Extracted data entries
+++++
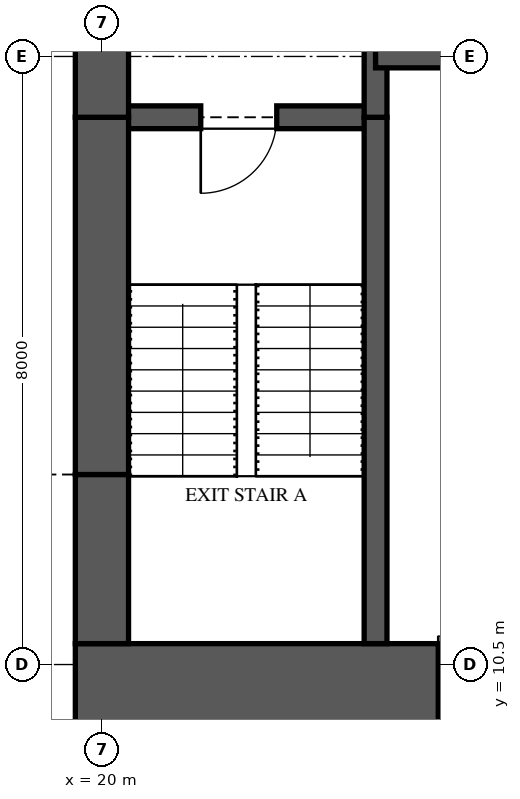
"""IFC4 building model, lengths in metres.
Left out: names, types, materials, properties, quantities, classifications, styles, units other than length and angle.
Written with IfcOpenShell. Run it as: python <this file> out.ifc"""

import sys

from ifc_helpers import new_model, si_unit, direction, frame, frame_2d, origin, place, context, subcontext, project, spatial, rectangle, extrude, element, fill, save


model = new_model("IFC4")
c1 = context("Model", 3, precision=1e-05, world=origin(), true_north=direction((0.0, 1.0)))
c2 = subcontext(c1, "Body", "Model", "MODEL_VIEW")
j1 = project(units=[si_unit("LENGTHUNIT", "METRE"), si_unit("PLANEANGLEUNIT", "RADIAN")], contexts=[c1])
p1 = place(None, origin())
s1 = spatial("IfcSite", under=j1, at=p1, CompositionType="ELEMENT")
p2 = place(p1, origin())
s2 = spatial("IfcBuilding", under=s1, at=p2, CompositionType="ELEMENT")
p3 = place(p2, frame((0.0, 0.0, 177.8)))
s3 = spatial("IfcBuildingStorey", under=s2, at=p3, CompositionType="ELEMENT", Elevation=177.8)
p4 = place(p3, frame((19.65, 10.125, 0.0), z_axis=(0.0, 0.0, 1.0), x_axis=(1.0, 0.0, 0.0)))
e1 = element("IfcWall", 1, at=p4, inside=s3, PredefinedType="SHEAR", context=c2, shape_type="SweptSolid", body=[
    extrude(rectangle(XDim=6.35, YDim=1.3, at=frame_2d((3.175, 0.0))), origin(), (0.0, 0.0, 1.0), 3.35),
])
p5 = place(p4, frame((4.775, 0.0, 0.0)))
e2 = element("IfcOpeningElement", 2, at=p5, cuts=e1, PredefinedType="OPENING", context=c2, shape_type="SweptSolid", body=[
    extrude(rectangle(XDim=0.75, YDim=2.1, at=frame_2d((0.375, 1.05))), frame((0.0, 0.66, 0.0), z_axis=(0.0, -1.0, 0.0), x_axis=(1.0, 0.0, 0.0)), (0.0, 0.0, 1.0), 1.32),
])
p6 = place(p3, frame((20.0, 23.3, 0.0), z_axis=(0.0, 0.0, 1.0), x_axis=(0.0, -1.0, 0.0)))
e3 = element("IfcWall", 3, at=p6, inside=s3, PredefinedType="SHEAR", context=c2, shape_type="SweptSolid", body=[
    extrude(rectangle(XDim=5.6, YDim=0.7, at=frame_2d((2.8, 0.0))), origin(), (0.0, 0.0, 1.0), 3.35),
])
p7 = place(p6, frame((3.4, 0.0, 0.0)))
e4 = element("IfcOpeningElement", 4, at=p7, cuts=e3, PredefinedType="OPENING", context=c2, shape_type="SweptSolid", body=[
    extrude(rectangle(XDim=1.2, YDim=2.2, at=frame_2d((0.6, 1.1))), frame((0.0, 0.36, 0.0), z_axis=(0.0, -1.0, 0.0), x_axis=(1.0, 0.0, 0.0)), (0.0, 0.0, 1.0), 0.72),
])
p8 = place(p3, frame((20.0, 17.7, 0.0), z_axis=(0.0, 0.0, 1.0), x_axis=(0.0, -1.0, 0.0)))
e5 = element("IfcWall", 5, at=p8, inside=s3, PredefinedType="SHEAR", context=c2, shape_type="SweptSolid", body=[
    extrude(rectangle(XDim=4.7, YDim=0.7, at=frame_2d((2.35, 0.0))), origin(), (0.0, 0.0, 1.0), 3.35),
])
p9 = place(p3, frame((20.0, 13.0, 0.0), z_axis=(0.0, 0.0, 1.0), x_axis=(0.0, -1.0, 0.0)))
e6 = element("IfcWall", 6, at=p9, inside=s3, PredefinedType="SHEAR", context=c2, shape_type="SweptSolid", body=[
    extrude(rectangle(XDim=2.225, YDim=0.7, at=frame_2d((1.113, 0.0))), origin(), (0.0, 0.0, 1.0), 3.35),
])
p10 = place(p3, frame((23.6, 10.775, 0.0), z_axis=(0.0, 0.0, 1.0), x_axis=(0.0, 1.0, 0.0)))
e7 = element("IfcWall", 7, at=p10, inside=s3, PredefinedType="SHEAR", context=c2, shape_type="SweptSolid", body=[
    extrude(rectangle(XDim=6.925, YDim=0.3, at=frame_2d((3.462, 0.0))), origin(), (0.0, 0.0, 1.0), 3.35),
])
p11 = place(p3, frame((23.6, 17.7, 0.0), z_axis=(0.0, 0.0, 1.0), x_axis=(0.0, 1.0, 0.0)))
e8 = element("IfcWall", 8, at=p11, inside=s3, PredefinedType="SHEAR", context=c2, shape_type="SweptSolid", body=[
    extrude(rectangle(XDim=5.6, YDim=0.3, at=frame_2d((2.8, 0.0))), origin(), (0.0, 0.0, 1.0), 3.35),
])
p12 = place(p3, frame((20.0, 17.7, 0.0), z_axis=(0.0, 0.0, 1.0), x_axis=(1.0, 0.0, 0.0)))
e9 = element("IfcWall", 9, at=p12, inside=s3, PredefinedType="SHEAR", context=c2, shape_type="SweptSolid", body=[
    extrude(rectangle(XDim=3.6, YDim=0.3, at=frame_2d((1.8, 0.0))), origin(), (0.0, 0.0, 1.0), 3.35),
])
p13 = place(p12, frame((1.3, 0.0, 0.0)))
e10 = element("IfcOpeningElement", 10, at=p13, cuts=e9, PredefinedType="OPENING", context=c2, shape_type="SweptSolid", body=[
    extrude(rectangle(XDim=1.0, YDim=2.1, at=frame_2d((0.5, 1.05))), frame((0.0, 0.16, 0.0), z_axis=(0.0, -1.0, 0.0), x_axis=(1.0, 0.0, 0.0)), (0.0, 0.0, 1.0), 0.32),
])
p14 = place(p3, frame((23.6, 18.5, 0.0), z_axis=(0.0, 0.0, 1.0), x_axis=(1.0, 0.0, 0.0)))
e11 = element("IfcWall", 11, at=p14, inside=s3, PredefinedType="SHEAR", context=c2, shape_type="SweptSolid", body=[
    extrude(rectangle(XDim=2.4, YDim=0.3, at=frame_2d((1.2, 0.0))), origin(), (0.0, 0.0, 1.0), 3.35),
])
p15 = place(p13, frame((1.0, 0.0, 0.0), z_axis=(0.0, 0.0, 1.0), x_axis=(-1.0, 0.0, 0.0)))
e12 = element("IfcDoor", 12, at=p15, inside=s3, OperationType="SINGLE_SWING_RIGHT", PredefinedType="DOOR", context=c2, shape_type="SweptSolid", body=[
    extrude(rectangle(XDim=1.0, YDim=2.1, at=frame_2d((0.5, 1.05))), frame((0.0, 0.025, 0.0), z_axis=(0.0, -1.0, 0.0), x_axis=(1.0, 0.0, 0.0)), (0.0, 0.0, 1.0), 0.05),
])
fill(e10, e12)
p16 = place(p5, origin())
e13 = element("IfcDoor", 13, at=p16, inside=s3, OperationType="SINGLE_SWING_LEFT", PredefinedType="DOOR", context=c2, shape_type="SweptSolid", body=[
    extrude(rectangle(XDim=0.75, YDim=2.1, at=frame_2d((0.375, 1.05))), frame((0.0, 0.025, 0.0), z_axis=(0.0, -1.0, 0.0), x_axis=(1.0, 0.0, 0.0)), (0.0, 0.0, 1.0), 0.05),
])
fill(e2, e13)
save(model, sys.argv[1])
+++++
Copy out every line from the records that has the word "cuts".

e2 = element("IfcOpeningElement", 2, at=p5, cuts=e1, PredefinedType="OPENING", context=c2, shape_type="SweptSolid", body=[
e4 = element("IfcOpeningElement", 4, at=p7, cuts=e3, PredefinedType="OPENING", context=c2, shape_type="SweptSolid", body=[
e10 = element("IfcOpeningElement", 10, at=p13, cuts=e9, PredefinedType="OPENING", context=c2, shape_type="SweptSolid", body=[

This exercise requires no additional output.